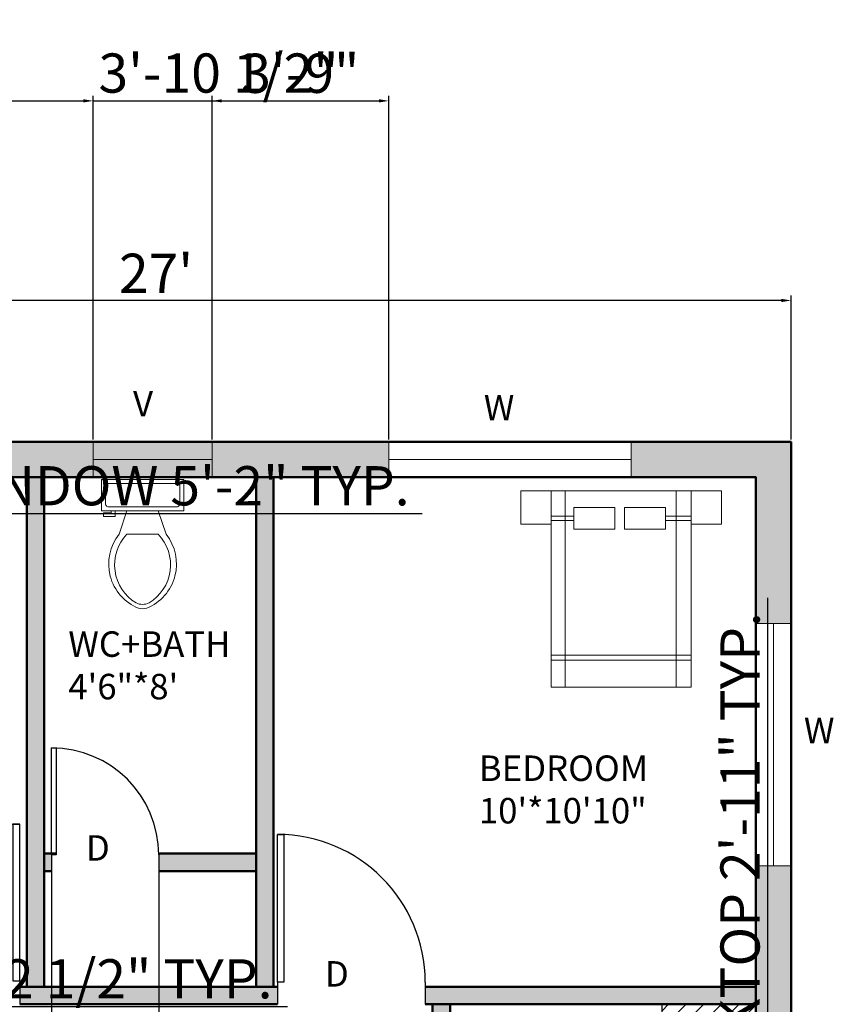
# Model space of a CAD drawing. Units: inches. Extents: x 1935 to 2445, y 1978 to 2806.
# Tile 4 of 4: x 2137 to 2346, y 2554 to 2806. Entities that reach past the tile are written whole.
import ezdxf

# ---------------------------------------------------------------- set-up
doc = ezdxf.new("R2010")
doc.units = ezdxf.units.IN
for name, color, linetype, lineweight in [('A-ANNO-DIMS', 2, 'Continuous', 18), ('A-ANNO-TEXT', 7, 'Continuous', 25), ('A-AREA-IDEN', 130, 'Continuous', 25), ('A-DOOR', 3, 'Continuous', 25), ('A-FLOR-CASE', 123, 'Continuous', 25), ('A-FLOR-CASE-PATT', 123, 'Continuous', 13), ('A-FLOR-FIXT', 9, 'Continuous', 18), ('A-FURN', 9, 'Continuous', 18), ('A-GLAZ', 4, 'Continuous', 18), ('A-WALL-PATT', 225, 'Continuous', 13), ('WALL', 225, 'Continuous', 50)]:
    doc.layers.add(name, color=color, linetype=linetype, lineweight=lineweight)
doc.styles.get("Standard").update_dxf_attribs({"font": 'arial.ttf'})
doc.dimstyles.new('ISO-25', dxfattribs={"dimtxt": 10, "dimasz": 2.5, "dimexe": 1.25, "dimexo": 0.625, "dimtad": 1, "dimdec": 0, "dimlunit": 4, "dimtxsty": 'Standard', "dimcen": 2.5, "dimadec": 0, "dimazin": 0, "dimtfac": 1, "dimtdec": 0, "dimtmove": 0, "dimatfit": 3, "dimfxl": 1, "dimarcsym": 0})

# ---------------------------------------------------------------- blocks, each defined once
blk = doc.blocks.new('*U4')
for p, q in [((9.5, -6), (9.5, -2)), ((-10, -8.5), (-8, -8.5)), ((-10, -9.5), (-10, -8.5)), ((-7, -9.5), (-10, -9.5)), ((-8, -8.5), (-8, -8)), ((-7, -8), (-7, -9.5)), ((-4, -8), (-6, -14)), ((4, -8), (6, -14)), ((4, -14), (-4, -14))]:
    blk.add_line(p, q)
blk.add_lwpolyline([(10.5, -8), (10.5, 0), (-10.5, 0), (-10.5, -8)], close=True)
for points in [[(-9.5, -2), (-9.5, -6)], [(8.5, -1), (-8.5, -1)], [(-8.5, -7), (8.5, -7)]]:
    blk.add_lwpolyline(points)
for centre, radius, start, end in [((-8.62, -1.88), 0.884, 81.8699, 188.1301), ((8.62, -1.88), 0.884, 351.8699, 98.1301), ((-8.62, -6.12), 0.884, 171.8699, 278.1301), ((8.62, -6.12), 0.884, 261.8699, 8.1301), ((3.52, -21.58), 12.17, 141.4691, 247.9714), ((4.2, -21.82), 11.33, 136.3677, 238.9468), ((-3.52, -21.58), 12.17, 292.0284, 38.5307), ((-4.2, -21.82), 11.33, 301.053, 43.6321), ((0, -27.88), 4, 245.7318, 294.2682), ((0, -29), 4, 254.8605, 285.1395)]:
    blk.add_arc(centre, radius, start, end)
blk = doc.blocks.new('*U2')
for p, q in [((0, 0), (0, -6)), ((40, 0), (40, -6))]:
    blk.add_line(p, q)
blk.add_lwpolyline([(0, 0), (0, 40), (1.75, 40), (1.75, 0)], close=True)
blk.add_arc((0, 0), 40, 0, 90)
blk = doc.blocks.new('*D8')
at = {"layer": 'A-ANNO-DIMS', "color": 0, "lineweight": -2, "transparency": 16777216}
for p, q in [((2010.18, 2698.51), (2010.18, 2735.24)), ((2331.68, 2733.99), (2012.68, 2733.99)), ((2334.18, 2698.51), (2334.18, 2735.24))]:
    blk.add_line(p, q, dxfattribs=at)
at = {"layer": 'A-ANNO-DIMS', "color": 0, "lineweight": 100, "transparency": 16777216}
for points in [[(2012.68, 2734.4), (2012.68, 2733.57), (2010.18, 2733.99)], [(2331.68, 2734.4), (2331.68, 2733.57), (2334.18, 2733.99)]]:
    blk.add_solid(points, dxfattribs=at)
at = {"layer": 'Defpoints', "color": 0, "lineweight": 100, "transparency": 16777216}
for p in [(2010.18, 2733.99), (2010.18, 2697.88), (2334.18, 2697.88)]:
    blk.add_point(p, dxfattribs=at)
at = {"layer": 'A-ANNO-DIMS', "color": 0, "transparency": 16777216, "insert": (2172.18, 2739.63), "char_height": 10, "attachment_point": 5}
blk.add_mtext("27'", dxfattribs=at)
blk = doc.blocks.new('*D9')
at = {"layer": 'A-ANNO-DIMS', "color": 0, "lineweight": -2, "transparency": 16777216}
for p, q in [((2333.56, 2697.88), (1952.98, 2697.88)), ((1954.23, 2076.38), (1954.23, 2695.38)), ((2333.56, 2073.88), (1952.98, 2073.88))]:
    blk.add_line(p, q, dxfattribs=at)
at = {"layer": 'A-ANNO-DIMS', "color": 0, "lineweight": 100, "transparency": 16777216}
for points in [[(1953.82, 2695.38), (1954.65, 2695.38), (1954.23, 2697.88)], [(1953.82, 2076.38), (1954.65, 2076.38), (1954.23, 2073.88)]]:
    blk.add_solid(points, dxfattribs=at)
at = {"layer": 'Defpoints', "color": 0, "lineweight": 100, "transparency": 16777216}
for p in [(1954.23, 2697.88), (2334.18, 2697.88), (2334.18, 2073.88)]:
    blk.add_point(p, dxfattribs=at)
at = {"layer": 'A-ANNO-DIMS', "color": 0, "transparency": 16777216, "insert": (1948.5, 2385.88), "char_height": 10, "attachment_point": 5, "rotation": 90}
blk.add_mtext("52'", dxfattribs=at)
blk = doc.blocks.new('WINDOW-STD')
blk.add_line((0, 4.5), (61.82, 4.5))
blk.add_lwpolyline([(0, 9), (61.82, 9), (61.82, 0), (0, 0)], close=True)
blk = doc.blocks.new('VENT-BATH')
blk.add_line((0, 4.5), (30.29, 4.5))
blk.add_lwpolyline([(0, 0), (30.29, 0), (30.29, 9), (0, 9)], close=True)
blk = doc.blocks.new('BED-WITH-NIGHTSTANDS')
for p, q in [((11.32, 50.11), (11.32, 0)), ((39.64, 0), (39.64, 50.11)), ((13.46, 43.65), (7.73, 43.65)), ((43.47, 43.65), (36.85, 43.65)), ((13.46, 42.6), (7.73, 42.6)), ((43.47, 42.6), (36.85, 42.6)), ((7.73, 8.18), (43.47, 8.18)), ((7.73, 6.93), (43.47, 6.93)), ((43.47, 0), (39.64, 0))]:
    blk.add_line(p, q)
for points in [[(0, 50.11), (7.73, 50.11), (7.73, 41.64), (0, 41.64)], [(7.73, 50.11), (43.47, 50.11), (43.47, 0), (7.73, 0)], [(43.47, 50.11), (51.2, 50.11), (51.2, 41.64), (43.47, 41.64)], [(13.46, 45.91), (23.93, 45.91), (23.93, 40.33), (13.46, 40.33)], [(26.4, 45.91), (36.86, 45.91), (36.86, 40.33), (26.4, 40.33)]]:
    blk.add_lwpolyline(points, close=True)
blk = doc.blocks.new('*D18')
at = {"layer": 'A-ANNO-DIMS', "color": 0, "lineweight": -2, "transparency": 16777216}
for p, q in [((2047.95, 2688.26), (2047.95, 2678.36)), ((2109.77, 2688.26), (2109.77, 2678.36)), ((2050.45, 2679.61), (2107.27, 2679.61)), ((2109.77, 2679.61), (2240.06, 2679.61))]:
    blk.add_line(p, q, dxfattribs=at)
at = {"layer": 'A-ANNO-DIMS', "color": 0, "lineweight": 100, "transparency": 16777216}
for points in [[(2050.45, 2680.03), (2050.45, 2679.19), (2047.95, 2679.61)], [(2107.27, 2680.03), (2107.27, 2679.19), (2109.77, 2679.61)]]:
    blk.add_solid(points, dxfattribs=at)
at = {"layer": 'Defpoints', "color": 0, "lineweight": 100, "transparency": 16777216}
for p in [(2047.95, 2688.88), (2109.77, 2688.88), (2109.77, 2679.61)]:
    blk.add_point(p, dxfattribs=at)
at = {"layer": 'A-ANNO-DIMS', "color": 0, "transparency": 16777216, "insert": (2176.16, 2685.41), "char_height": 10, "attachment_point": 5}
blk.add_mtext('WINDOW 5\'-2" TYP.', dxfattribs=at)
blk = doc.blocks.new('*D26')
at = {"layer": 'A-ANNO-DIMS', "color": 0, "lineweight": -2, "transparency": 16777216}
for p, q in [((2022.21, 2552.24), (2022.21, 2555.04)), ((2024.71, 2553.79), (2034.22, 2553.79)), ((2036.72, 2552.24), (2036.72, 2555.04)), ((2036.72, 2553.79), (2205.72, 2553.79))]:
    blk.add_line(p, q, dxfattribs=at)
at = {"layer": 'A-ANNO-DIMS', "color": 0, "lineweight": 100, "transparency": 16777216}
for points in [[(2024.71, 2554.21), (2024.71, 2553.37), (2022.21, 2553.79)], [(2034.22, 2554.21), (2034.22, 2553.37), (2036.72, 2553.79)]]:
    blk.add_solid(points, dxfattribs=at)
at = {"layer": 'Defpoints', "color": 0, "lineweight": 100, "transparency": 16777216}
for p in [(2036.72, 2553.79), (2022.21, 2551.61), (2036.72, 2551.61)]:
    blk.add_point(p, dxfattribs=at)
at = {"layer": 'A-ANNO-DIMS', "color": 0, "transparency": 16777216, "insert": (2122.47, 2559.59), "char_height": 10, "attachment_point": 5}
blk.add_mtext('END TABLE 1\'-2 1/2" TYP.', dxfattribs=at)
blk = doc.blocks.new('*D32')
at = {"layer": 'A-ANNO-DIMS', "color": 0, "lineweight": -2, "transparency": 16777216}
for p, q in [((2328.24, 2511.98), (2328.24, 2658.07)), ((2323.63, 2511.98), (2329.49, 2511.98)), ((2328.24, 2479.6), (2328.24, 2509.48)), ((2323.63, 2477.1), (2329.49, 2477.1))]:
    blk.add_line(p, q, dxfattribs=at)
at = {"layer": 'A-ANNO-DIMS', "color": 0, "lineweight": 100, "transparency": 16777216}
for points in [[(2327.82, 2509.48), (2328.66, 2509.48), (2328.24, 2511.98)], [(2327.82, 2479.6), (2328.66, 2479.6), (2328.24, 2477.1)]]:
    blk.add_solid(points, dxfattribs=at)
at = {"layer": 'Defpoints', "color": 0, "lineweight": 100, "transparency": 16777216}
for p in [(2323.01, 2511.98), (2328.24, 2511.98), (2323.01, 2477.1)]:
    blk.add_point(p, dxfattribs=at)
at = {"layer": 'A-ANNO-DIMS', "color": 0, "transparency": 16777216, "insert": (2322.44, 2586.27), "char_height": 10, "attachment_point": 5, "rotation": 90}
blk.add_mtext('COOKTOP 2\'-11" TYP.', dxfattribs=at)
blk = doc.blocks.new('*D35')
at = {"layer": 'A-ANNO-DIMS', "color": 0, "lineweight": -2, "transparency": 16777216}
for p, q in [((2109.77, 2698.51), (2109.77, 2786.17)), ((2112.27, 2784.92), (2153.67, 2784.92)), ((2156.17, 2698.51), (2156.17, 2786.17)), ((2156.17, 2784.92), (2217.57, 2784.92))]:
    blk.add_line(p, q, dxfattribs=at)
at = {"layer": 'A-ANNO-DIMS', "color": 0, "lineweight": 100, "transparency": 16777216}
for points in [[(2112.27, 2785.34), (2112.27, 2784.51), (2109.77, 2784.92)], [(2153.67, 2785.34), (2153.67, 2784.51), (2156.17, 2784.92)]]:
    blk.add_solid(points, dxfattribs=at)
at = {"layer": 'Defpoints', "color": 0, "lineweight": 100, "transparency": 16777216}
for p in [(2156.17, 2784.92), (2109.77, 2697.88), (2156.17, 2697.88)]:
    blk.add_point(p, dxfattribs=at)
at = {"layer": 'A-ANNO-DIMS', "color": 0, "transparency": 16777216, "insert": (2188.12, 2790.72), "char_height": 10, "attachment_point": 5}
blk.add_mtext('3\'-10 1/2"', dxfattribs=at)
blk = doc.blocks.new('*D36')
at = {"layer": 'A-ANNO-DIMS', "color": 0, "lineweight": -2, "transparency": 16777216}
for p, q in [((2186.46, 2698.51), (2186.46, 2786.17)), ((2188.96, 2784.92), (2229.03, 2784.92)), ((2231.53, 2698.51), (2231.53, 2786.17))]:
    blk.add_line(p, q, dxfattribs=at)
at = {"layer": 'A-ANNO-DIMS', "color": 0, "lineweight": 100, "transparency": 16777216}
for points in [[(2188.96, 2785.34), (2188.96, 2784.51), (2186.46, 2784.92)], [(2229.03, 2785.34), (2229.03, 2784.51), (2231.53, 2784.92)]]:
    blk.add_solid(points, dxfattribs=at)
at = {"layer": 'Defpoints', "color": 0, "lineweight": 100, "transparency": 16777216}
for p in [(2231.53, 2784.92), (2186.46, 2697.88), (2231.53, 2697.88)]:
    blk.add_point(p, dxfattribs=at)
at = {"layer": 'A-ANNO-DIMS', "color": 0, "transparency": 16777216, "insert": (2208.99, 2790.66), "char_height": 10, "attachment_point": 5}
blk.add_mtext('3\'-9"', dxfattribs=at)
blk = doc.blocks.new('*D42')
at = {"layer": 'A-ANNO-DIMS', "color": 0, "lineweight": -2, "transparency": 16777216}
for p, q in [((2145.55, 2591.86), (2145.55, 1986.08)), ((2172.86, 2592.26), (2172.86, 1986.08)), ((2148.05, 1987.33), (2170.36, 1987.33)), ((2172.86, 1987.33), (2226.66, 1987.33))]:
    blk.add_line(p, q, dxfattribs=at)
at = {"layer": 'A-ANNO-DIMS', "color": 0, "lineweight": 100, "transparency": 16777216}
for points in [[(2148.05, 1987.74), (2148.05, 1986.91), (2145.55, 1987.33)], [(2170.36, 1987.74), (2170.36, 1986.91), (2172.86, 1987.33)]]:
    blk.add_solid(points, dxfattribs=at)
at = {"layer": 'Defpoints', "color": 0, "lineweight": 100, "transparency": 16777216}
for p in [(2145.55, 2592.49), (2172.86, 2592.88), (2172.86, 1987.33)]:
    blk.add_point(p, dxfattribs=at)
at = {"layer": 'A-ANNO-DIMS', "color": 0, "transparency": 16777216, "insert": (2201.01, 1993.13), "char_height": 10, "attachment_point": 5}
blk.add_mtext('2\'-3 1/2"', dxfattribs=at)

msp = doc.modelspace()

# ---------------------------------------------------------------- hatches: boundary and pattern name
at = {"layer": 'A-FLOR-CASE-PATT'}
h = msp.add_hatch(dxfattribs=at)
h.set_pattern_fill('ANSI31', color=256)
h.paths.add_polyline_path([(2325.18, 2339.38), (2286.18, 2339.38), (2247.18, 2339.38), (2247.18, 2315.38), (2301.18, 2315.38), (2301.18, 2213.38), (2325.18, 2213.38)])
h.paths.add_polyline_path([(2284.48, 2318.31), (2252.19, 2318.31), (2252.19, 2336.21), (2284.48, 2336.21)], flags=16)
h.paths.add_polyline_path([(2303.5, 2299.32), (2323.01, 2299.32), (2323.01, 2264.44), (2303.5, 2264.44)], flags=16)
h.paths.add_polyline_path([(2317.96, 2291.66, -1), (2307.51, 2291.66, -1)], flags=0)
h.paths.add_polyline_path([(2267.33, 2320), (2253.26, 2320), (2253.26, 2335.01), (2267.33, 2335.01)], flags=0)
h.paths.add_polyline_path([(2258.78, 2327.5, -1), (2261.46, 2327.5, -1)], flags=0)
h.paths.add_polyline_path([(2317.96, 2273.05, -1), (2307.51, 2273.05, -1)], flags=0)
h.paths.add_polyline_path([(2325.18, 2554.38), (2301.18, 2554.38), (2301.18, 2452.38), (2247.18, 2452.38), (2247.18, 2428.38), (2325.18, 2428.38)])
h.paths.add_polyline_path([(2323.01, 2511.98), (2323.01, 2477.1), (2303.5, 2477.1), (2303.5, 2511.98)], flags=16)
h.paths.add_polyline_path([(2317.96, 2504.31, -1), (2307.51, 2504.31, -1)], flags=0)
h.paths.add_polyline_path([(2317.96, 2485.7, -1), (2307.51, 2485.7, -1)], flags=0)
h.paths.add_polyline_path([(2284.48, 2450.03), (2284.48, 2432.13), (2252.19, 2432.13), (2252.19, 2450.03)], flags=16)
h.paths.add_polyline_path([(2267.33, 2448.82), (2267.33, 2433.82), (2253.26, 2433.82), (2253.26, 2448.82)], flags=0)
h.paths.add_polyline_path([(2261.46, 2441.32, -1), (2258.78, 2441.32, -1)], flags=0)
at = {"layer": 'A-WALL-PATT'}
h = msp.add_hatch(color=256, dxfattribs=at)
h.dxf.hatch_style = 1
h.paths.add_polyline_path([(2047.95, 2697.88), (2010.18, 2697.88), (2010.18, 2654.96), (2019.18, 2654.96), (2019.18, 2688.88), (2047.95, 2688.88)], flags=16)
h.paths.add_polyline_path([(2156.17, 2697.88), (2109.77, 2697.88), (2109.77, 2688.88), (2139.18, 2688.88), (2156.17, 2688.88)], flags=17)
h.paths.add_polyline_path([(2231.53, 2697.88), (2186.46, 2697.88), (2186.46, 2688.88), (2231.53, 2688.88)], flags=17)
h.paths.add_polyline_path([(2334.18, 2697.88), (2293.35, 2697.88), (2293.35, 2688.88), (2325.18, 2688.88), (2325.18, 2651.52), (2334.18, 2651.52)], flags=17)
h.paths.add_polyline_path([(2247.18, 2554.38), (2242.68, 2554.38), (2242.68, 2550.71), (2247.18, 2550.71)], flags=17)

===

**WHAT IS BEING ASKED:** Go through the entries and copy each line holding the string "WINDOW".

**OUTPUT:**
blk = doc.blocks.new('WINDOW-STD')
blk.add_mtext('WINDOW 5\'-2" TYP.', dxfattribs=at)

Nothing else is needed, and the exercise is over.